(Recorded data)

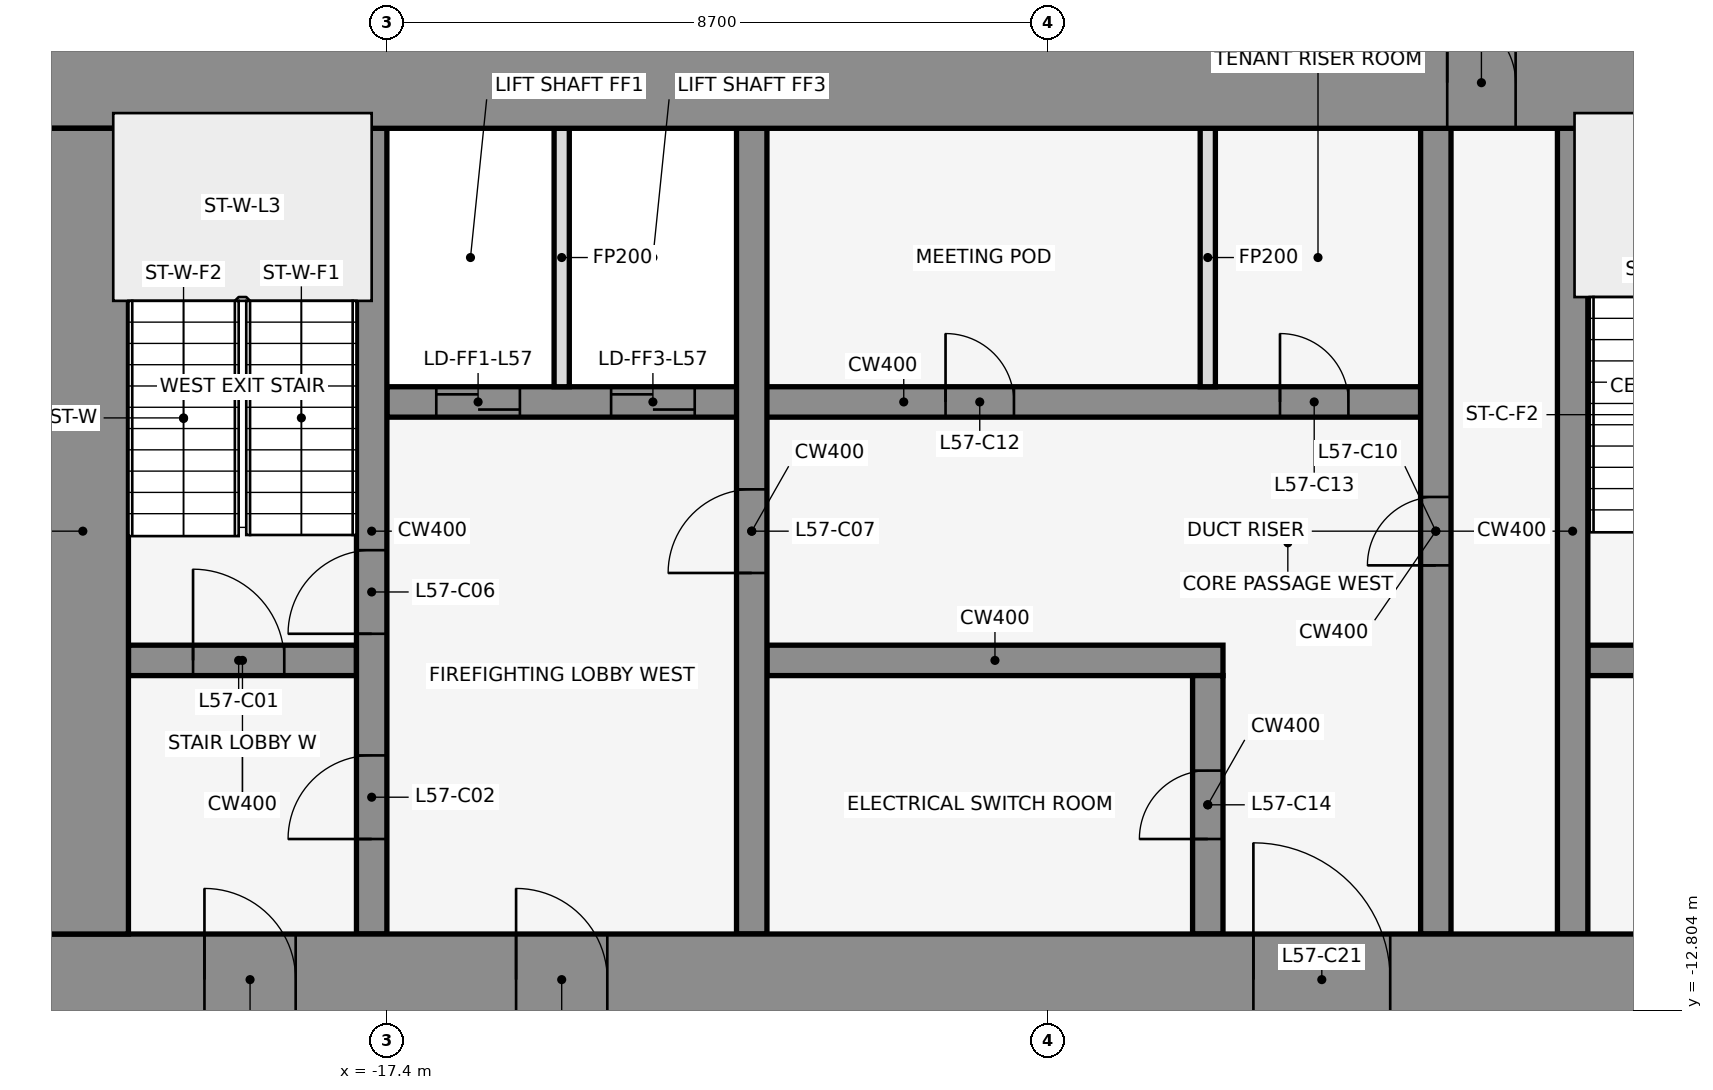
"""IFC4 building model, lengths in metres.
Left out: names, types, materials, properties, quantities, classifications, styles, units other than length and angle.
Written with IfcOpenShell. Run it as: python <this file> out.ifc"""

import sys

from ifc_helpers import new_model, si_unit, direction, frame, frame_2d, origin, place, context, subcontext, project, spatial, rectangle, extrude, element, fill, save


model = new_model("IFC4")
c1 = context("Model", 3, precision=1e-05, world=origin(), true_north=direction((0.0, 1.0)))
c2 = subcontext(c1, "Body", "Model", "MODEL_VIEW")
j1 = project(units=[si_unit("LENGTHUNIT", "METRE"), si_unit("PLANEANGLEUNIT", "RADIAN")], contexts=[c1])
p1 = place(None, origin())
s1 = spatial("IfcSite", under=j1, at=p1, CompositionType="ELEMENT")
p2 = place(p1, origin())
s2 = spatial("IfcBuilding", under=s1, at=p2, CompositionType="ELEMENT")
p3 = place(p2, frame((0.0, 0.0, 254.0)))
s3 = spatial("IfcBuildingStorey", under=s2, at=p3, CompositionType="ELEMENT", Elevation=254.0)
for number, where, z_axis, x_axis in (
    (1, (-0.068, -0.105, 0.0), (0.0, 0.0, 1.0), (-0.84, 0.543, 0.0)),
    (2, (-14.599, 1.08, 0.0), (0.0, 0.0, 1.0), (-0.84, -0.543, 0.0)),
):
    element("IfcWall", number, at=place(p3, frame(where, z_axis=z_axis, x_axis=x_axis)), inside=s3, PredefinedType="STANDARD", context=c2, shape_type="SweptSolid", body=[
        extrude(rectangle(XDim=2.183, YDim=0.25, at=frame_2d((1.091, 0.0))), origin(), (0.0, 0.0, 1.0), 4.05),
    ])
p4 = place(p3, frame((-20.8, -8.2, 0.0), z_axis=(0.0, 0.0, 1.0), x_axis=(1.0, 0.0, 0.0)))
e3 = element("IfcWall", 3, at=p4, inside=s3, PredefinedType="SHEAR", context=c2, shape_type="SweptSolid", body=[
    extrude(rectangle(XDim=3.0, YDim=0.4, at=frame_2d((1.5, 0.0))), origin(), (0.0, 0.0, 1.0), 4.2),
])
p5 = place(p4, frame((0.85, 0.0, 0.0)))
e4 = element("IfcOpeningElement", 4, at=p5, cuts=e3, PredefinedType="OPENING", context=c2, shape_type="SweptSolid", body=[
    extrude(rectangle(XDim=1.2, YDim=2.1, at=frame_2d((0.6, 1.05))), frame((0.0, 0.212, 0.0), z_axis=(0.0, -1.0, 0.0), x_axis=(1.0, 0.0, 0.0)), (0.0, 0.0, 1.0), 0.424),
])
p6 = place(p3, frame((-12.4, -8.2, 0.0), z_axis=(0.0, 0.0, 1.0), x_axis=(1.0, 0.0, 0.0)))
e5 = element("IfcWall", 5, at=p6, inside=s3, PredefinedType="SHEAR", context=c2, shape_type="SweptSolid", body=[
    extrude(rectangle(XDim=6.0, YDim=0.4, at=frame_2d((3.0, 0.0))), origin(), (0.0, 0.0, 1.0), 4.2),
])
p7 = place(p3, frame((-1.6, -8.2, 0.0), z_axis=(0.0, 0.0, 1.0), x_axis=(1.0, 0.0, 0.0)))
e6 = element("IfcWall", 6, at=p7, inside=s3, PredefinedType="SHEAR", context=c2, shape_type="SweptSolid", body=[
    extrude(rectangle(XDim=3.2, YDim=0.4, at=frame_2d((1.6, 0.0))), origin(), (0.0, 0.0, 1.0), 4.2),
])
p8 = place(p7, frame((1.05, 0.0, 0.0)))
e7 = element("IfcOpeningElement", 7, at=p8, cuts=e6, PredefinedType="OPENING", context=c2, shape_type="SweptSolid", body=[
    extrude(rectangle(XDim=1.2, YDim=2.1, at=frame_2d((0.6, 1.05))), frame((0.0, 0.212, 0.0), z_axis=(0.0, -1.0, 0.0), x_axis=(1.0, 0.0, 0.0)), (0.0, 0.0, 1.0), 0.424),
])
p9 = place(p3, frame((-17.4, -4.8, 0.0), z_axis=(0.0, 0.0, 1.0), x_axis=(1.0, 0.0, 0.0)))
e8 = element("IfcWall", 8, at=p9, inside=s3, PredefinedType="SHEAR", context=c2, shape_type="SweptSolid", body=[
    extrude(rectangle(XDim=13.6, YDim=0.4, at=frame_2d((6.8, 0.0))), origin(), (0.0, 0.0, 1.0), 4.2),
])
p10 = place(p9, frame((0.65, 0.0, 0.0)))
e9 = element("IfcOpeningElement", 9, at=p10, cuts=e8, PredefinedType="OPENING", context=c2, shape_type="SweptSolid", body=[
    extrude(rectangle(XDim=1.1, YDim=2.1, at=frame_2d((0.55, 1.05))), frame((0.0, 0.212, 0.0), z_axis=(0.0, -1.0, 0.0), x_axis=(1.0, 0.0, 0.0)), (0.0, 0.0, 1.0), 0.424),
])
p11 = place(p9, frame((2.95, 0.0, 0.0)))
e10 = element("IfcOpeningElement", 10, at=p11, cuts=e8, PredefinedType="OPENING", context=c2, shape_type="SweptSolid", body=[
    extrude(rectangle(XDim=1.1, YDim=2.1, at=frame_2d((0.55, 1.05))), frame((0.0, 0.212, 0.0), z_axis=(0.0, -1.0, 0.0), x_axis=(1.0, 0.0, 0.0)), (0.0, 0.0, 1.0), 0.424),
])
p12 = place(p9, frame((7.35, 0.0, 0.0)))
e11 = element("IfcOpeningElement", 11, at=p12, cuts=e8, PredefinedType="OPENING", context=c2, shape_type="SweptSolid", body=[
    extrude(rectangle(XDim=0.9, YDim=2.1, at=frame_2d((0.45, 1.05))), frame((0.0, 0.212, 0.0), z_axis=(0.0, -1.0, 0.0), x_axis=(1.0, 0.0, 0.0)), (0.0, 0.0, 1.0), 0.424),
])
p13 = place(p9, frame((11.75, 0.0, 0.0)))
e12 = element("IfcOpeningElement", 12, at=p13, cuts=e8, PredefinedType="OPENING", context=c2, shape_type="SweptSolid", body=[
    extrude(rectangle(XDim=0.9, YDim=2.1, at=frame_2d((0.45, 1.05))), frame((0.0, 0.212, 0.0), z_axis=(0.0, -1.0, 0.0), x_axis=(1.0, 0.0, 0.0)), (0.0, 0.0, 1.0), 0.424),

**Problem statement**
Please retype the records above exactly, excluding every picture.

**Answer box**
"""IFC4 building model, lengths in metres.
Left out: names, types, materials, properties, quantities, classifications, styles, units other than length and angle.
Written with IfcOpenShell. Run it as: python <this file> out.ifc"""

import sys

from ifc_helpers import new_model, si_unit, direction, frame, frame_2d, origin, place, context, subcontext, project, spatial, rectangle, extrude, element, fill, save


model = new_model("IFC4")
c1 = context("Model", 3, precision=1e-05, world=origin(), true_north=direction((0.0, 1.0)))
c2 = subcontext(c1, "Body", "Model", "MODEL_VIEW")
j1 = project(units=[si_unit("LENGTHUNIT", "METRE"), si_unit("PLANEANGLEUNIT", "RADIAN")], contexts=[c1])
p1 = place(None, origin())
s1 = spatial("IfcSite", under=j1, at=p1, CompositionType="ELEMENT")
p2 = place(p1, origin())
s2 = spatial("IfcBuilding", under=s1, at=p2, CompositionType="ELEMENT")
p3 = place(p2, frame((0.0, 0.0, 254.0)))
s3 = spatial("IfcBuildingStorey", under=s2, at=p3, CompositionType="ELEMENT", Elevation=254.0)
for number, where, z_axis, x_axis in (
    (1, (-0.068, -0.105, 0.0), (0.0, 0.0, 1.0), (-0.84, 0.543, 0.0)),
    (2, (-14.599, 1.08, 0.0), (0.0, 0.0, 1.0), (-0.84, -0.543, 0.0)),
):
    element("IfcWall", number, at=place(p3, frame(where, z_axis=z_axis, x_axis=x_axis)), inside=s3, PredefinedType="STANDARD", context=c2, shape_type="SweptSolid", body=[
        extrude(rectangle(XDim=2.183, YDim=0.25, at=frame_2d((1.091, 0.0))), origin(), (0.0, 0.0, 1.0), 4.05),
    ])
p4 = place(p3, frame((-20.8, -8.2, 0.0), z_axis=(0.0, 0.0, 1.0), x_axis=(1.0, 0.0, 0.0)))
e3 = element("IfcWall", 3, at=p4, inside=s3, PredefinedType="SHEAR", context=c2, shape_type="SweptSolid", body=[
    extrude(rectangle(XDim=3.0, YDim=0.4, at=frame_2d((1.5, 0.0))), origin(), (0.0, 0.0, 1.0), 4.2),
])
p5 = place(p4, frame((0.85, 0.0, 0.0)))
e4 = element("IfcOpeningElement", 4, at=p5, cuts=e3, PredefinedType="OPENING", context=c2, shape_type="SweptSolid", body=[
    extrude(rectangle(XDim=1.2, YDim=2.1, at=frame_2d((0.6, 1.05))), frame((0.0, 0.212, 0.0), z_axis=(0.0, -1.0, 0.0), x_axis=(1.0, 0.0, 0.0)), (0.0, 0.0, 1.0), 0.424),
])
p6 = place(p3, frame((-12.4, -8.2, 0.0), z_axis=(0.0, 0.0, 1.0), x_axis=(1.0, 0.0, 0.0)))
e5 = element("IfcWall", 5, at=p6, inside=s3, PredefinedType="SHEAR", context=c2, shape_type="SweptSolid", body=[
    extrude(rectangle(XDim=6.0, YDim=0.4, at=frame_2d((3.0, 0.0))), origin(), (0.0, 0.0, 1.0), 4.2),
])
p7 = place(p3, frame((-1.6, -8.2, 0.0), z_axis=(0.0, 0.0, 1.0), x_axis=(1.0, 0.0, 0.0)))
e6 = element("IfcWall", 6, at=p7, inside=s3, PredefinedType="SHEAR", context=c2, shape_type="SweptSolid", body=[
    extrude(rectangle(XDim=3.2, YDim=0.4, at=frame_2d((1.6, 0.0))), origin(), (0.0, 0.0, 1.0), 4.2),
])
p8 = place(p7, frame((1.05, 0.0, 0.0)))
e7 = element("IfcOpeningElement", 7, at=p8, cuts=e6, PredefinedType="OPENING", context=c2, shape_type="SweptSolid", body=[
    extrude(rectangle(XDim=1.2, YDim=2.1, at=frame_2d((0.6, 1.05))), frame((0.0, 0.212, 0.0), z_axis=(0.0, -1.0, 0.0), x_axis=(1.0, 0.0, 0.0)), (0.0, 0.0, 1.0), 0.424),
])
p9 = place(p3, frame((-17.4, -4.8, 0.0), z_axis=(0.0, 0.0, 1.0), x_axis=(1.0, 0.0, 0.0)))
e8 = element("IfcWall", 8, at=p9, inside=s3, PredefinedType="SHEAR", context=c2, shape_type="SweptSolid", body=[
    extrude(rectangle(XDim=13.6, YDim=0.4, at=frame_2d((6.8, 0.0))), origin(), (0.0, 0.0, 1.0), 4.2),
])
p10 = place(p9, frame((0.65, 0.0, 0.0)))
e9 = element("IfcOpeningElement", 9, at=p10, cuts=e8, PredefinedType="OPENING", context=c2, shape_type="SweptSolid", body=[
    extrude(rectangle(XDim=1.1, YDim=2.1, at=frame_2d((0.55, 1.05))), frame((0.0, 0.212, 0.0), z_axis=(0.0, -1.0, 0.0), x_axis=(1.0, 0.0, 0.0)), (0.0, 0.0, 1.0), 0.424),
])
p11 = place(p9, frame((2.95, 0.0, 0.0)))
e10 = element("IfcOpeningElement", 10, at=p11, cuts=e8, PredefinedType="OPENING", context=c2, shape_type="SweptSolid", body=[
    extrude(rectangle(XDim=1.1, YDim=2.1, at=frame_2d((0.55, 1.05))), frame((0.0, 0.212, 0.0), z_axis=(0.0, -1.0, 0.0), x_axis=(1.0, 0.0, 0.0)), (0.0, 0.0, 1.0), 0.424),
])
p12 = place(p9, frame((7.35, 0.0, 0.0)))
e11 = element("IfcOpeningElement", 11, at=p12, cuts=e8, PredefinedType="OPENING", context=c2, shape_type="SweptSolid", body=[
    extrude(rectangle(XDim=0.9, YDim=2.1, at=frame_2d((0.45, 1.05))), frame((0.0, 0.212, 0.0), z_axis=(0.0, -1.0, 0.0), x_axis=(1.0, 0.0, 0.0)), (0.0, 0.0, 1.0), 0.424),
])
p13 = place(p9, frame((11.75, 0.0, 0.0)))
e12 = element("IfcOpeningElement", 12, at=p13, cuts=e8, PredefinedType="OPENING", context=c2, shape_type="SweptSolid", body=[
    extrude(rectangle(XDim=0.9, YDim=2.1, at=frame_2d((0.45, 1.05))), frame((0.0, 0.212, 0.0), z_axis=(0.0, -1.0, 0.0), x_axis=(1.0, 0.0, 0.0)), (0.0, 0.0, 1.0), 0.424),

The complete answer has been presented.